What is required | Give the number of lines in these entries that contain "import", and nothing more.

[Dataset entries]
____

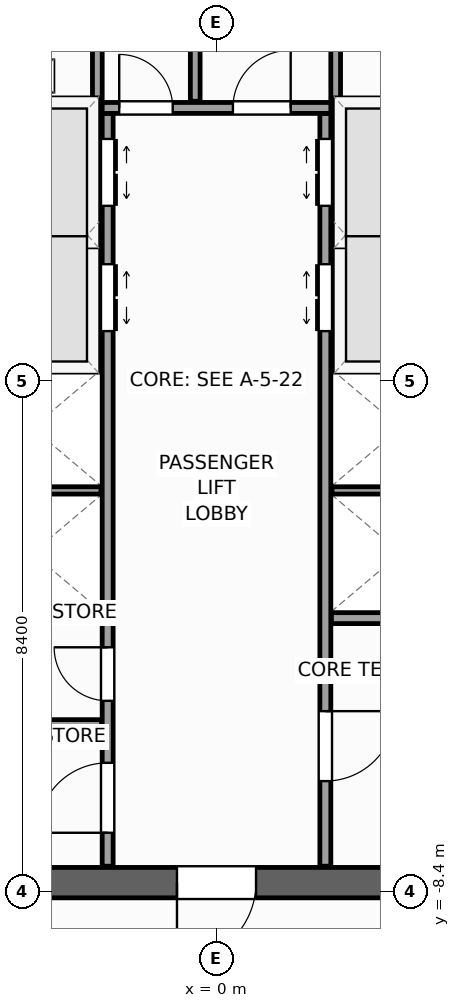
"""IFC4 building model, lengths in metres.
Left out: names, types, materials, properties, quantities, classifications, styles, units other than length and angle.
Written with IfcOpenShell. Run it as: python <this file> out.ifc"""

import sys

from ifc_helpers import new_model, si_unit, direction, frame, frame_2d, origin, place, context, subcontext, project, spatial, rectangle, extrude, source, transform, mapped, element, fill, save


model = new_model("IFC4")
c1 = context("Model", 3, precision=1e-05, world=origin(), true_north=direction((0.0, 1.0)))
c2 = subcontext(c1, "Body", "Model", "MODEL_VIEW")
j1 = project(units=[si_unit("LENGTHUNIT", "METRE"), si_unit("PLANEANGLEUNIT", "RADIAN")], contexts=[c1])
p1 = place(None, origin())
s1 = spatial("IfcSite", under=j1, at=p1, CompositionType="ELEMENT")
p2 = place(p1, origin())
s2 = spatial("IfcBuilding", under=s1, at=p2, CompositionType="ELEMENT")
p3 = place(p2, frame((0.0, 0.0, 232.9)))
s3 = spatial("IfcBuildingStorey", under=s2, at=p3, CompositionType="ELEMENT", Elevation=232.9)
p4 = place(p3, frame((-8.5, -8.25, 0.0), z_axis=(0.0, 0.0, 1.0), x_axis=(1.0, 0.0, 0.0)))
e1 = element("IfcWall", 1, at=p4, inside=s3, PredefinedType="SHEAR", context=c2, shape_type="SweptSolid", body=[
    extrude(rectangle(XDim=17.0, YDim=0.5, at=frame_2d((8.5, 0.0))), origin(), (0.0, 0.0, 1.0), 3.9),
])
p5 = place(p4, frame((7.85, 0.0, 0.0)))
e2 = element("IfcOpeningElement", 2, at=p5, cuts=e1, PredefinedType="OPENING", context=c2, shape_type="SweptSolid", body=[
    extrude(rectangle(XDim=1.3, YDim=2.2, at=frame_2d((0.65, 1.1))), frame((0.0, 0.26, 0.0), z_axis=(0.0, -1.0, 0.0), x_axis=(1.0, 0.0, 0.0)), (0.0, 0.0, 1.0), 0.52),
])
p6 = place(p3, frame((-29.154, -6.733, 0.0), z_axis=(0.0, 0.0, 1.0), x_axis=(0.77714192302, -0.629325378072, 0.0)))
e3 = element("IfcWall", 3, at=p6, inside=s3, PredefinedType="STANDARD", context=c2, shape_type="SweptSolid", body=[
    extrude(rectangle(XDim=36.84, YDim=0.34, at=frame_2d((18.42, 0.0))), origin(), (0.0, 0.0, 1.0), 2.96),
])
p7 = place(p6, frame((3.721, 0.0, 0.48)))
e4 = element("IfcOpeningElement", 4, at=p7, cuts=e3, PredefinedType="OPENING", context=c2, shape_type="SweptSolid", body=[
    extrude(rectangle(XDim=1.4, YDim=2.4, at=frame_2d((0.7, 1.2))), frame((0.0, 0.18, 0.0), z_axis=(0.0, -1.0, 0.0), x_axis=(1.0, 0.0, 0.0)), (0.0, 0.0, 1.0), 0.36),
])
p8 = place(p6, frame((9.809, 0.0, 0.58)))
e5 = element("IfcOpeningElement", 5, at=p8, cuts=e3, PredefinedType="OPENING", context=c2, shape_type="SweptSolid", body=[
    extrude(rectangle(XDim=1.75, YDim=2.3, at=frame_2d((0.875, 1.15))), frame((0.0, 0.18, 0.0), z_axis=(0.0, -1.0, 0.0), x_axis=(1.0, 0.0, 0.0)), (0.0, 0.0, 1.0), 0.36),
])
p9 = place(p6, frame((16.058, 0.0, 0.58)))
e6 = element("IfcOpeningElement", 6, at=p9, cuts=e3, PredefinedType="OPENING", context=c2, shape_type="SweptSolid", body=[
    extrude(rectangle(XDim=1.75, YDim=2.3, at=frame_2d((0.875, 1.15))), frame((0.0, 0.18, 0.0), z_axis=(0.0, -1.0, 0.0), x_axis=(1.0, 0.0, 0.0)), (0.0, 0.0, 1.0), 0.36),
])
p10 = place(p6, frame((24.176, 0.0, 0.58)))
e7 = element("IfcOpeningElement", 7, at=p10, cuts=e3, PredefinedType="OPENING", context=c2, shape_type="SweptSolid", body=[
    extrude(rectangle(XDim=1.75, YDim=2.3, at=frame_2d((0.875, 1.15))), frame((0.0, 0.18, 0.0), z_axis=(0.0, -1.0, 0.0), x_axis=(1.0, 0.0, 0.0)), (0.0, 0.0, 1.0), 0.36),
])
p11 = place(p6, frame((32.482, 0.0, 0.48)))
e8 = element("IfcOpeningElement", 8, at=p11, cuts=e3, PredefinedType="OPENING", context=c2, shape_type="SweptSolid", body=[
    extrude(rectangle(XDim=1.4, YDim=2.4, at=frame_2d((0.7, 1.2))), frame((0.0, 0.18, 0.0), z_axis=(0.0, -1.0, 0.0), x_axis=(1.0, 0.0, 0.0)), (0.0, 0.0, 1.0), 0.36),
])
p12 = place(p3, frame((-1.79, -7.98, 0.0), z_axis=(0.0, 0.0, 1.0), x_axis=(0.0, 1.0, 0.0)))
e9 = element("IfcWall", 9, at=p12, inside=s3, PredefinedType="PARTITIONING", context=c2, shape_type="SweptSolid", body=[
    extrude(rectangle(XDim=12.38, YDim=0.18, at=frame_2d((6.19, 0.0))), origin(), (0.0, 0.0, 1.0), 3.66),
])
p13 = place(p12, frame((8.8, 0.0, 0.0)))
e10 = element("IfcOpeningElement", 10, at=p13, cuts=e9, PredefinedType="OPENING", context=c2, shape_type="SweptSolid", body=[
    extrude(rectangle(XDim=1.1, YDim=2.2, at=frame_2d((0.55, 1.1))), frame((0.0, 0.1, 0.0), z_axis=(0.0, -1.0, 0.0), x_axis=(1.0, 0.0, 0.0)), (0.0, 0.0, 1.0), 0.2),
])
p14 = place(p12, frame((10.86, 0.0, 0.0)))
e11 = element("IfcOpeningElement", 11, at=p14, cuts=e9, PredefinedType="OPENING", context=c2, shape_type="SweptSolid", body=[
    extrude(rectangle(XDim=1.1, YDim=2.2, at=frame_2d((0.55, 1.1))), frame((0.0, 0.1, 0.0), z_axis=(0.0, -1.0, 0.0), x_axis=(1.0, 0.0, 0.0)), (0.0, 0.0, 1.0), 0.2),
])
p15 = place(p12, frame((0.55, 0.0, 0.0)))
e12 = element("IfcOpeningElement", 12, at=p15, cuts=e9, PredefinedType="OPENING", context=c2, shape_type="SweptSolid", body=[
    extrude(rectangle(XDim=1.15, YDim=2.25, at=frame_2d((0.575, 1.125))), frame((0.0, 0.1, 0.0), z_axis=(0.0, -1.0, 0.0), x_axis=(1.0, 0.0, 0.0)), (0.0, 0.0, 1.0), 0.2),
])
p16 = place(p12, frame((2.72, 0.0, 0.0)))
e13 = element("IfcOpeningElement", 13, at=p16, cuts=e9, PredefinedType="OPENING", context=c2, shape_type="SweptSolid", body=[
    extrude(rectangle(XDim=0.88, YDim=2.1, at=frame_2d((0.44, 1.05))), frame((0.0, 0.1, 0.0), z_axis=(0.0, -1.0, 0.0), x_axis=(1.0, 0.0, 0.0)), (0.0, 0.0, 1.0), 0.2),
])
p17 = place(p3, frame((1.79, -7.98, 0.0), z_axis=(0.0, 0.0, 1.0), x_axis=(0.0, 1.0, 0.0)))
e14 = element("IfcWall", 14, at=p17, inside=s3, PredefinedType="PARTITIONING", context=c2, shape_type="SweptSolid", body=[
    extrude(rectangle(XDim=12.38, YDim=0.18, at=frame_2d((6.19, 0.0))), origin(), (0.0, 0.0, 1.0), 3.66),
])
p18 = place(p17, frame((8.8, 0.0, 0.0)))
e15 = element("IfcOpeningElement", 15, at=p18, cuts=e14, PredefinedType="OPENING", context=c2, shape_type="SweptSolid", body=[
    extrude(rectangle(XDim=1.1, YDim=2.2, at=frame_2d((0.55, 1.1))), frame((0.0, 0.1, 0.0), z_axis=(0.0, -1.0, 0.0), x_axis=(1.0, 0.0, 0.0)), (0.0, 0.0, 1.0), 0.2),
])
p19 = place(p17, frame((10.86, 0.0, 0.0)))
e16 = element("IfcOpeningElement", 16, at=p19, cuts=e14, PredefinedType="OPENING", context=c2, shape_type="SweptSolid", body=[
    extrude(rectangle(XDim=1.1, YDim=2.2, at=frame_2d((0.55, 1.1))), frame((0.0, 0.1, 0.0), z_axis=(0.0, -1.0, 0.0), x_axis=(1.0, 0.0, 0.0)), (0.0, 0.0, 1.0), 0.2),
])
p20 = place(p17, frame((1.4, 0.0, 0.0)))
e17 = element("IfcOpeningElement", 17, at=p20, cuts=e14, PredefinedType="OPENING", context=c2, shape_type="SweptSolid", body=[
    extrude(rectangle(XDim=1.15, YDim=2.25, at=frame_2d((0.575, 1.125))), frame((0.0, 0.1, 0.0), z_axis=(0.0, -1.0, 0.0), x_axis=(1.0, 0.0, 0.0)), (0.0, 0.0, 1.0), 0.2),
])
p21 = place(p3, frame((-1.88, 4.49, 0.0), z_axis=(0.0, 0.0, 1.0), x_axis=(1.0, 0.0, 0.0)))
e18 = element("IfcWall", 18, at=p21, inside=s3, PredefinedType="PARTITIONING", context=c2, shape_type="SweptSolid", body=[
    extrude(rectangle(XDim=3.76, YDim=0.18, at=frame_2d((1.88, 0.0))), origin(), (0.0, 0.0, 1.0), 3.66),
])
p22 = place(p21, frame((0.28, 0.0, 0.0)))
e19 = element("IfcOpeningElement", 19, at=p22, cuts=e18, PredefinedType="OPENING", context=c2, shape_type="SweptSolid", body=[
    extrude(rectangle(XDim=0.88, YDim=2.1, at=frame_2d((0.44, 1.05))), frame((0.0, 0.1, 0.0), z_axis=(0.0, -1.0, 0.0), x_axis=(1.0, 0.0, 0.0)), (0.0, 0.0, 1.0), 0.2),
])
p23 = place(p21, frame((2.15, 0.0, 0.0)))
e20 = element("IfcOpeningElement", 20, at=p23, cuts=e18, PredefinedType="OPENING", context=c2, shape_type="SweptSolid", body=[
    extrude(rectangle(XDim=0.95, YDim=2.1, at=frame_2d((0.475, 1.05))), frame((0.0, 0.1, 0.0), z_axis=(0.0, -1.0, 0.0), x_axis=(1.0, 0.0, 0.0)), (0.0, 0.0, 1.0), 0.2),
])
for number, where, z_axis, x_axis in (
    (21, (-4.17, -3.9, 0.0), (0.0, 0.0, 1.0), (1.0, 0.0, 0.0)),
    (22, (1.89, -3.9, 0.0), (0.0, 0.0, 1.0), (1.0, 0.0, 0.0)),
    (23, (-4.17, 0.3, 0.0), (0.0, 0.0, 1.0), (1.0, 0.0, 0.0)),
    (24, (1.89, 0.3, 0.0), (0.0, 0.0, 1.0), (1.0, 0.0, 0.0)),
    (25, (-4.17, 4.49, 0.0), (0.0, 0.0, 1.0), (1.0, 0.0, 0.0)),
    (26, (1.89, 4.49, 0.0), (0.0, 0.0, 1.0), (1.0, 0.0, 0.0)),
):
    element("IfcWall", number, at=place(p3, frame(where, z_axis=z_axis, x_axis=x_axis)), inside=s3, PredefinedType="PARTITIONING", context=c2, shape_type="SweptSolid", body=[
        extrude(rectangle(XDim=2.28, YDim=0.18, at=frame_2d((1.14, 0.0))), origin(), (0.0, 0.0, 1.0), 3.66),
    ])
for number, where, z_axis, x_axis in (
    (27, (-4.16, -1.8, 0.0), (0.0, 0.0, 1.0), (1.0, 0.0, 0.0)),
    (28, (1.9, -1.8, 0.0), (0.0, 0.0, 1.0), (1.0, 0.0, 0.0)),
    (29, (-4.16, 2.4, 0.0), (0.0, 0.0, 1.0), (1.0, 0.0, 0.0)),
    (30, (1.9, 2.4, 0.0), (0.0, 0.0, 1.0), (1.0, 0.0, 0.0)),
):
    element("IfcWall", number, at=place(p3, frame(where, z_axis=z_axis, x_axis=x_axis)), inside=s3, PredefinedType="PARTITIONING", context=c2, shape_type="SweptSolid", body=[
        extrude(rectangle(XDim=2.26, YDim=0.12, at=frame_2d((1.13, 0.0))), origin(), (0.0, 0.0, 1.0), 3.66),
    ])
p24 = place(p3, frame((-4.17, -5.65, 0.0), z_axis=(0.0, 0.0, 1.0), x_axis=(1.0, 0.0, 0.0)))
e31 = element("IfcWall", 31, at=p24, inside=s3, PredefinedType="PARTITIONING", context=c2, shape_type="SweptSolid", body=[
    extrude(rectangle(XDim=2.28, YDim=0.16, at=frame_2d((1.14, 0.0))), origin(), (0.0, 0.0, 1.0), 3.66),
])
for number, where, z_axis, x_axis in (
    (32, (-1.96, 4.58, 0.0), (0.0, 0.0, 1.0), (0.0, 1.0, 0.0)),
    (33, (1.96, 4.58, 0.0), (0.0, 0.0, 1.0), (0.0, 1.0, 0.0)),
):
    element("IfcWall", number, at=place(p3, frame(where, z_axis=z_axis, x_axis=x_axis)), inside=s3, PredefinedType="PARTITIONING", context=c2, shape_type="SweptSolid", body=[
        extrude(rectangle(XDim=3.4, YDim=0.16, at=frame_2d((1.7, 0.0))), origin(), (0.0, 0.0, 1.0), 3.66),
    ])
p25 = place(p3, frame((-0.35, 4.6, 0.0), z_axis=(0.0, 0.0, 1.0), x_axis=(0.0, 1.0, 0.0)))
e34 = element("IfcWall", 34, at=p25, inside=s3, PredefinedType="PARTITIONING", context=c2, shape_type="SweptSolid", body=[
    extrude(rectangle(XDim=3.38, YDim=0.16, at=frame_2d((1.69, 0.0))), origin(), (0.0, 0.0, 1.0), 3.66),
])
m1 = source(origin(), c2, "Body", "SweptSolid", [
    extrude(rectangle(XDim=1.3, YDim=2.2, at=frame_2d((0.65, 1.1))), frame((0.0, 0.025, 0.0), z_axis=(0.0, -1.0, 0.0), x_axis=(1.0, 0.0, 0.0)), (0.0, 0.0, 1.0), 0.05),
])
p26 = place(p5, frame((1.3, 0.0, 0.0), z_axis=(0.0, 0.0, 1.0), x_axis=(-1.0, 0.0, 0.0)))
e35 = element("IfcDoor", 35, at=p26, inside=s3, OperationType="SINGLE_SWING_LEFT", PredefinedType="DOOR", context=c2, shape_type="MappedRepresentation", body=[
    mapped(m1, transform((0.0, 0.0, 0.0), scale=1.0)),
])
fill(e2, e35)
m2 = source(origin(), c2, "Body", "SweptSolid", [
    extrude(rectangle(XDim=1.1, YDim=2.2, at=frame_2d((0.55, 1.1))), frame((0.0, 0.025, 0.0), z_axis=(0.0, -1.0, 0.0), x_axis=(1.0, 0.0, 0.0)), (0.0, 0.0, 1.0), 0.05),
])
p27 = place(p13, frame((1.1, 0.0, 0.0), z_axis=(0.0, 0.0, 1.0), x_axis=(-1.0, 0.0, 0.0)))
e36 = element("IfcDoor", 36, at=p27, inside=s3, OperationType="DOUBLE_DOOR_SLIDING", PredefinedType="DOOR", context=c2, shape_type="MappedRepresentation", body=[
    mapped(m2, transform((0.0, 0.0, 0.0), scale=1.0)),
])
fill(e10, e36)
p28 = place(p14, frame((1.1, 0.0, 0.0), z_axis=(0.0, 0.0, 1.0), x_axis=(-1.0, 0.0, 0.0)))
e37 = element("IfcDoor", 37, at=p28, inside=s3, OperationType="DOUBLE_DOOR_SLIDING", PredefinedType="DOOR", context=c2, shape_type="MappedRepresentation", body=[
    mapped(m2, transform((0.0, 0.0, 0.0), scale=1.0)),
])
fill(e11, e37)
p29 = place(p18, origin())
e38 = element("IfcDoor", 38, at=p29, inside=s3, OperationType="DOUBLE_DOOR_SLIDING", PredefinedType="DOOR", context=c2, shape_type="MappedRepresentation", body=[
    mapped(m2, transform((0.0, 0.0, 0.0), scale=1.0)),
])
fill(e15, e38)
p30 = place(p19, origin())
e39 = element("IfcDoor", 39, at=p30, inside=s3, OperationType="DOUBLE_DOOR_SLIDING", PredefinedType="DOOR", context=c2, shape_type="MappedRepresentation", body=[
    mapped(m2, transform((0.0, 0.0, 0.0), scale=1.0)),
])
fill(e16, e39)
m3 = source(origin(), c2, "Body", "SweptSolid", [
    extrude(rectangle(XDim=1.15, YDim=2.25, at=frame_2d((0.575, 1.125))), frame((0.0, 0.025, 0.0), z_axis=(0.0, -1.0, 0.0), x_axis=(1.0, 0.0, 0.0)), (0.0, 0.0, 1.0), 0.05),
])
p31 = place(p15, origin())
e40 = element("IfcDoor", 40, at=p31, inside=s3, OperationType="SINGLE_SWING_LEFT", PredefinedType="DOOR", context=c2, shape_type="MappedRepresentation", body=[
    mapped(m3, transform((0.0, 0.0, 0.0), scale=1.0)),
])
fill(e12, e40)
m4 = source(origin(), c2, "Body", "SweptSolid", [
    extrude(rectangle(XDim=0.88, YDim=2.1, at=frame_2d((0.44, 1.05))), frame((0.0, 0.025, 0.0), z_axis=(0.0, -1.0, 0.0), x_axis=(1.0, 0.0, 0.0)), (0.0, 0.0, 1.0), 0.05),
])
p32 = place(p16, origin())
e41 = element("IfcDoor", 41, at=p32, inside=s3, OperationType="SINGLE_SWING_RIGHT", PredefinedType="DOOR", context=c2, shape_type="MappedRepresentation", body=[
    mapped(m4, transform((0.0, 0.0, 0.0), scale=1.0)),
])
fill(e13, e41)
p33 = place(p20, frame((1.15, 0.0, 0.0), z_axis=(0.0, 0.0, 1.0), x_axis=(-1.0, 0.0, 0.0)))
e42 = element("IfcDoor", 42, at=p33, inside=s3, OperationType="SINGLE_SWING_RIGHT", PredefinedType="DOOR", context=c2, shape_type="MappedRepresentation", body=[
    mapped(m3, transform((0.0, 0.0, 0.0), scale=1.0)),
])
fill(e17, e42)
p34 = place(p22, origin())
e43 = element("IfcDoor", 43, at=p34, inside=s3, OperationType="SINGLE_SWING_LEFT", PredefinedType="DOOR", context=c2, shape_type="MappedRepresentation", body=[
    mapped(m4, transform((0.0, 0.0, 0.0), scale=1.0)),
])
fill(e19, e43)
m5 = source(origin(), c2, "Body", "SweptSolid", [
    extrude(rectangle(XDim=0.95, YDim=2.1, at=frame_2d((0.475, 1.05))), frame((0.0, 0.025, 0.0), z_axis=(0.0, -1.0, 0.0), x_axis=(1.0, 0.0, 0.0)), (0.0, 0.0, 1.0), 0.05),
])
p35 = place(p23, origin())
e44 = element("IfcDoor", 44, at=p35, inside=s3, OperationType="SINGLE_SWING_RIGHT", PredefinedType="DOOR", context=c2, shape_type="MappedRepresentation", body=[
    mapped(m5, transform((0.0, 0.0, 0.0), scale=1.0)),
])
fill(e20, e44)
save(model, sys.argv[1])

____

Solution for this problem | 2